### TASK BRIEF
Find every line in the records below that contains "units", and copy it.

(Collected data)
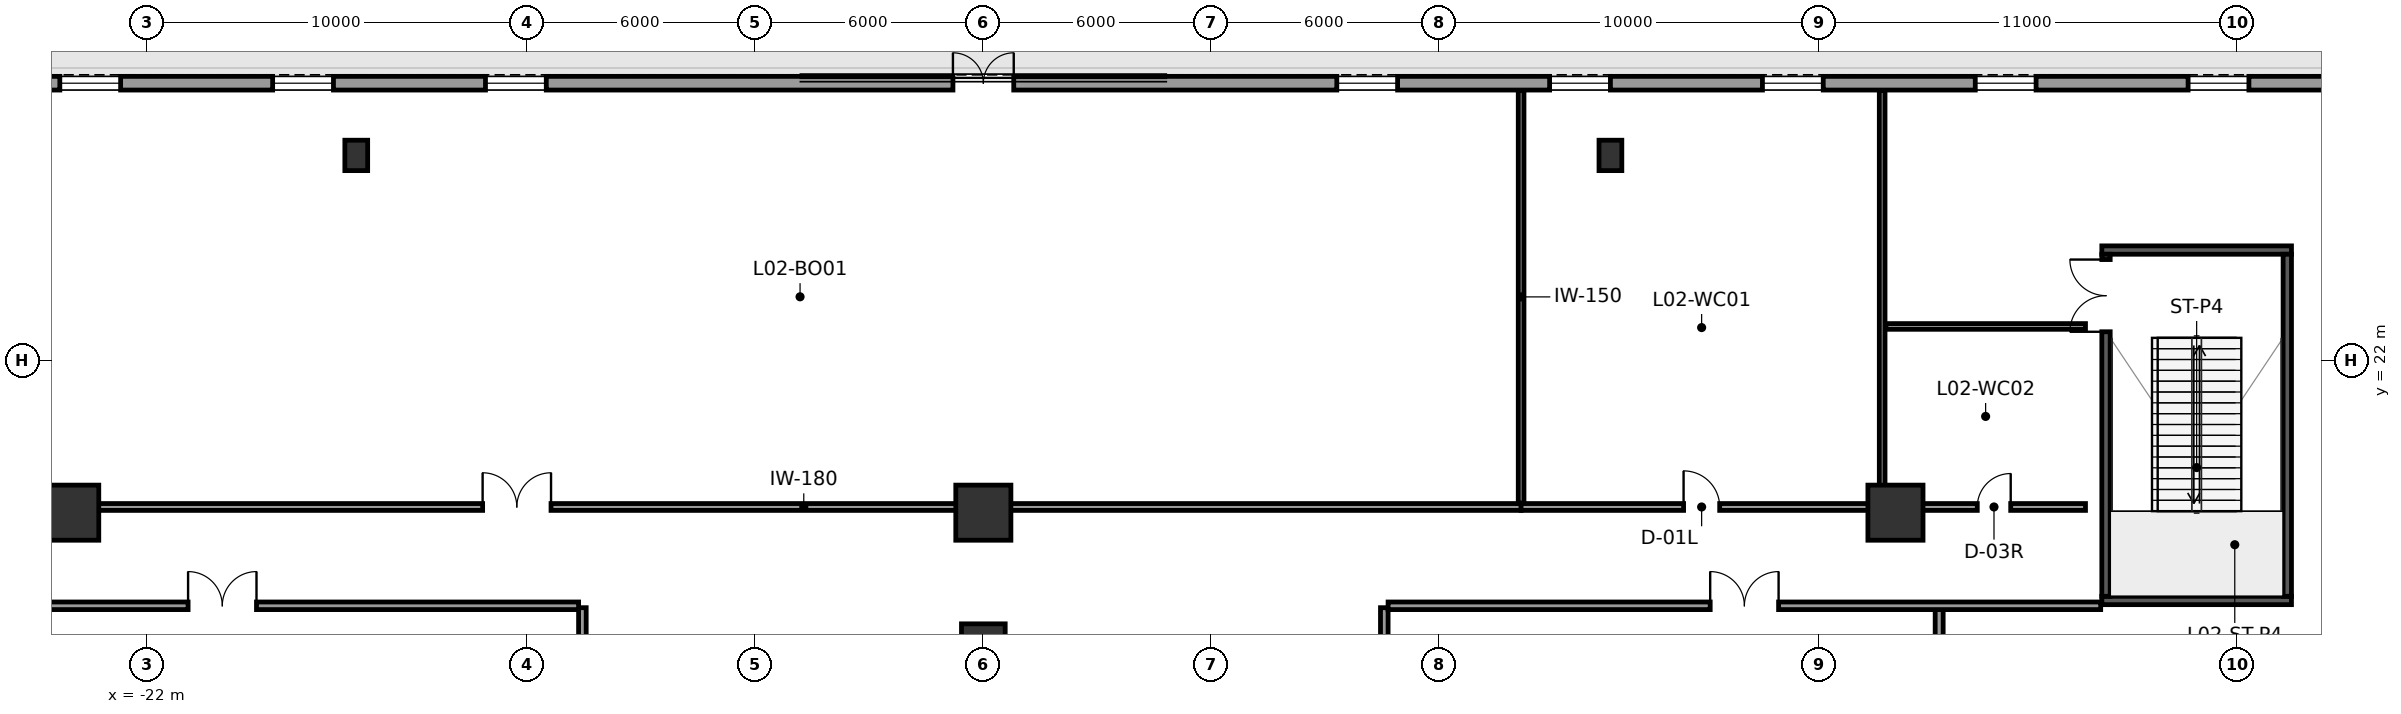
"""IFC4 building model, lengths in metres.
Left out: names, types, materials, properties, quantities, classifications, styles, units other than length and angle.
Written with IfcOpenShell. Run it as: python <this file> out.ifc"""

import sys

from ifc_helpers import new_model, si_unit, direction, frame, frame_2d, origin, origin_2d, place, context, subcontext, project, spatial, rectangle, hollow_rectangle, extrude, element, fill, save


model = new_model("IFC4")
c1 = context("Model", 3, precision=1e-05, world=origin(), true_north=direction((0.0, 1.0)))
c2 = subcontext(c1, "Body", "Model", "MODEL_VIEW")
j1 = project(units=[si_unit("LENGTHUNIT", "METRE"), si_unit("PLANEANGLEUNIT", "RADIAN")], contexts=[c1])
p1 = place(None, origin())
s1 = spatial("IfcSite", under=j1, at=p1, CompositionType="ELEMENT")
p2 = place(p1, origin())
s2 = spatial("IfcBuilding", under=s1, at=p2, CompositionType="ELEMENT")
p3 = place(p2, frame((0.0, 0.0, 11.5)))
s3 = spatial("IfcBuildingStorey", under=s2, at=p3, CompositionType="ELEMENT", Elevation=11.5)
p4 = place(p3, frame((0.0, 14.5, 0.0), z_axis=(0.0, 0.0, 1.0), x_axis=(1.0, 0.0, 0.0)))
e1 = element("IfcColumn", 1, at=p4, inside=s3, PredefinedType="COLUMN", context=c2, shape_type="SweptSolid", body=[
    extrude(rectangle(XDim=1.15, YDim=1.15, at=origin_2d()), origin(), (0.0, 0.0, 1.0), 6.0),
])
for number, where, z_axis, x_axis in (
    (2, (-24.0, 18.0, 0.0), (0.0, 0.0, 1.0), (1.0, 0.0, 0.0)),
    (3, (24.0, 18.0, 0.0), (0.0, 0.0, 1.0), (1.0, 0.0, 0.0)),
    (4, (0.0, 18.0, 0.0), (0.0, 0.0, 1.0), (1.0, 0.0, 0.0)),
):
    element("IfcColumn", number, at=place(p3, frame(where, z_axis=z_axis, x_axis=x_axis)), inside=s3, PredefinedType="COLUMN", context=c2, shape_type="SweptSolid", body=[
        extrude(rectangle(XDim=1.45, YDim=1.45, at=origin_2d()), origin(), (0.0, 0.0, 1.0), 6.0),
    ])
for number, where, z_axis, x_axis in (
    (5, (-16.5, 27.4, 0.0), (0.0, 0.0, 1.0), (1.0, 0.0, 0.0)),
    (6, (16.5, 27.4, 0.0), (0.0, 0.0, 1.0), (1.0, 0.0, 0.0)),
):
    element("IfcColumn", number, at=place(p3, frame(where, z_axis=z_axis, x_axis=x_axis)), inside=s3, PredefinedType="COLUMN", context=c2, shape_type="SweptSolid", body=[
        extrude(hollow_rectangle(XDim=0.6, YDim=0.8, WallThickness=0.05, at=origin_2d()), origin(), (0.0, 0.0, 1.0), 6.0),
    ])
p5 = place(p3, frame((-40.3, 29.3, 0.0), z_axis=(0.0, 0.0, 1.0), x_axis=(1.0, 0.0, 0.0)))
e7 = element("IfcWall", 7, at=p5, inside=s3, PredefinedType="STANDARD", context=c2, shape_type="SweptSolid", body=[
    extrude(rectangle(XDim=80.6, YDim=0.36, at=frame_2d((40.3, 0.0))), origin(), (0.0, 0.0, 1.0), 5.7),
])
p6 = place(p5, frame((39.5, 0.0, 0.0)))
e8 = element("IfcOpeningElement", 8, at=p6, cuts=e7, PredefinedType="OPENING", context=c2, shape_type="SweptSolid", body=[
    extrude(rectangle(XDim=1.6, YDim=2.2, at=frame_2d((0.8, 1.1))), frame((0.0, 0.19, 0.0), z_axis=(0.0, -1.0, 0.0), x_axis=(1.0, 0.0, 0.0)), (0.0, 0.0, 1.0), 0.38),
])
p7 = place(p5, frame((4.8, 0.0, 0.9)))
e9 = element("IfcOpeningElement", 9, at=p7, cuts=e7, PredefinedType="OPENING", context=c2, shape_type="SweptSolid", body=[
    extrude(rectangle(XDim=1.6, YDim=2.6, at=frame_2d((0.8, 1.3))), frame((0.0, 0.19, 0.0), z_axis=(0.0, -1.0, 0.0), x_axis=(1.0, 0.0, 0.0)), (0.0, 0.0, 1.0), 0.38),
])
p8 = place(p5, frame((10.4, 0.0, 0.9)))
e10 = element("IfcOpeningElement", 10, at=p8, cuts=e7, PredefinedType="OPENING", context=c2, shape_type="SweptSolid", body=[
    extrude(rectangle(XDim=1.6, YDim=2.6, at=frame_2d((0.8, 1.3))), frame((0.0, 0.19, 0.0), z_axis=(0.0, -1.0, 0.0), x_axis=(1.0, 0.0, 0.0)), (0.0, 0.0, 1.0), 0.38),
])
p9 = place(p5, frame((16.0, 0.0, 0.9)))
e11 = element("IfcOpeningElement", 11, at=p9, cuts=e7, PredefinedType="OPENING", context=c2, shape_type="SweptSolid", body=[
    extrude(rectangle(XDim=1.6, YDim=2.6, at=frame_2d((0.8, 1.3))), frame((0.0, 0.19, 0.0), z_axis=(0.0, -1.0, 0.0), x_axis=(1.0, 0.0, 0.0)), (0.0, 0.0, 1.0), 0.38),
])
p10 = place(p5, frame((21.6, 0.0, 0.9)))
e12 = element("IfcOpeningElement", 12, at=p10, cuts=e7, PredefinedType="OPENING", context=c2, shape_type="SweptSolid", body=[
    extrude(rectangle(XDim=1.6, YDim=2.6, at=frame_2d((0.8, 1.3))), frame((0.0, 0.19, 0.0), z_axis=(0.0, -1.0, 0.0), x_axis=(1.0, 0.0, 0.0)), (0.0, 0.0, 1.0), 0.38),
])
p11 = place(p5, frame((27.2, 0.0, 0.9)))
e13 = element("IfcOpeningElement", 13, at=p11, cuts=e7, PredefinedType="OPENING", context=c2, shape_type="SweptSolid", body=[
    extrude(rectangle(XDim=1.6, YDim=2.6, at=frame_2d((0.8, 1.3))), frame((0.0, 0.19, 0.0), z_axis=(0.0, -1.0, 0.0), x_axis=(1.0, 0.0, 0.0)), (0.0, 0.0, 1.0), 0.38),
])
p12 = place(p5, frame((49.6, 0.0, 0.9)))
e14 = element("IfcOpeningElement", 14, at=p12, cuts=e7, PredefinedType="OPENING", context=c2, shape_type="SweptSolid", body=[
    extrude(rectangle(XDim=1.6, YDim=2.6, at=frame_2d((0.8, 1.3))), frame((0.0, 0.19, 0.0), z_axis=(0.0, -1.0, 0.0), x_axis=(1.0, 0.0, 0.0)), (0.0, 0.0, 1.0), 0.38),
])
p13 = place(p5, frame((55.2, 0.0, 0.9)))
e15 = element("IfcOpeningElement", 15, at=p13, cuts=e7, PredefinedType="OPENING", context=c2, shape_type="SweptSolid", body=[
    extrude(rectangle(XDim=1.6, YDim=2.6, at=frame_2d((0.8, 1.3))), frame((0.0, 0.19, 0.0), z_axis=(0.0, -1.0, 0.0), x_axis=(1.0, 0.0, 0.0)), (0.0, 0.0, 1.0), 0.38),
])
p14 = place(p5, frame((60.8, 0.0, 0.9)))
e16 = element("IfcOpeningElement", 16, at=p14, cuts=e7, PredefinedType="OPENING", context=c2, shape_type="SweptSolid", body=[
    extrude(rectangle(XDim=1.6, YDim=2.6, at=frame_2d((0.8, 1.3))), frame((0.0, 0.19, 0.0), z_axis=(0.0, -1.0, 0.0), x_axis=(1.0, 0.0, 0.0)), (0.0, 0.0, 1.0), 0.38),
])
p15 = place(p5, frame((66.4, 0.0, 0.9)))
e17 = element("IfcOpeningElement", 17, at=p15, cuts=e7, PredefinedType="OPENING", context=c2, shape_type="SweptSolid", body=[
    extrude(rectangle(XDim=1.6, YDim=2.6, at=frame_2d((0.8, 1.3))), frame((0.0, 0.19, 0.0), z_axis=(0.0, -1.0, 0.0), x_axis=(1.0, 0.0, 0.0)), (0.0, 0.0, 1.0), 0.38),
])
p16 = place(p5, frame((72.0, 0.0, 0.9)))
e18 = element("IfcOpeningElement", 18, at=p16, cuts=e7, PredefinedType="OPENING", context=c2, shape_type="SweptSolid", body=[
    extrude(rectangle(XDim=1.6, YDim=2.6, at=frame_2d((0.8, 1.3))), frame((0.0, 0.19, 0.0), z_axis=(0.0, -1.0, 0.0), x_axis=(1.0, 0.0, 0.0)), (0.0, 0.0, 1.0), 0.38),
])
for number, where, z_axis, x_axis in (
    (19, (29.43, 15.69, 0.0), (0.0, 0.0, 1.0), (1.0, 0.0, 0.0)),
    (20, (29.43, 24.91, 0.0), (0.0, 0.0, 1.0), (1.0, 0.0, 0.0)),
):
    element("IfcWall", number, at=place(p3, frame(where, z_axis=z_axis, x_axis=x_axis)), inside=s3, PredefinedType="SHEAR", context=c2, shape_type="SweptSolid", body=[
        extrude(rectangle(XDim=4.99, YDim=0.22, at=frame_2d((2.495, 0.0))), origin(), (0.0, 0.0, 1.0), 5.7),
    ])
p17 = place(p3, frame((29.54, 15.8, 0.0), z_axis=(0.0, 0.0, 1.0), x_axis=(0.0, 1.0, 0.0)))
e21 = element("IfcWall", 21, at=p17, inside=s3, PredefinedType="SHEAR", context=c2, shape_type="SweptSolid", body=[
    extrude(rectangle(XDim=9.0, YDim=0.22, at=frame_2d((4.5, 0.0))), origin(), (0.0, 0.0, 1.0), 5.7),
])
p18 = place(p17, frame((6.96, 0.0, 0.0)))
e22 = element("IfcOpeningElement", 22, at=p18, cuts=e21, PredefinedType="OPENING", context=c2, shape_type="SweptSolid", body=[
    extrude(rectangle(XDim=1.9, YDim=2.2, at=frame_2d((0.95, 1.1))), frame((0.0, 0.12, 0.0), z_axis=(0.0, -1.0, 0.0), x_axis=(1.0, 0.0, 0.0)), (0.0, 0.0, 1.0), 0.24),
])
p19 = place(p3, frame((34.31, 15.8, 0.0), z_axis=(0.0, 0.0, 1.0), x_axis=(0.0, 1.0, 0.0)))
e23 = element("IfcWall", 23, at=p19, inside=s3, PredefinedType="SHEAR", context=c2, shape_type="SweptSolid", body=[
    extrude(rectangle(XDim=9.0, YDim=0.22, at=frame_2d((4.5, 0.0))), origin(), (0.0, 0.0, 1.0), 5.7),
])
p20 = place(p3, frame((-10.55, -15.5, 0.0), z_axis=(0.0, 0.0, 1.0), x_axis=(0.0, 1.0, 0.0)))
e24 = element("IfcWall", 24, at=p20, inside=s3, PredefinedType="PARTITIONING", context=c2, shape_type="SweptSolid", body=[
    extrude(rectangle(XDim=31.0, YDim=0.2, at=frame_2d((15.5, 0.0))), origin(), (0.0, 0.0, 1.0), 5.7),
])
p21 = place(p20, frame((14.6, 0.0, 0.0)))
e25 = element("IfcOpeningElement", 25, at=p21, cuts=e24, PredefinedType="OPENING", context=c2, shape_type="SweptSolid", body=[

### EXERCISE OUTPUT
Left out: names, types, materials, properties, quantities, classifications, styles, units other than length and angle.
j1 = project(units=[si_unit("LENGTHUNIT", "METRE"), si_unit("PLANEANGLEUNIT", "RADIAN")], contexts=[c1])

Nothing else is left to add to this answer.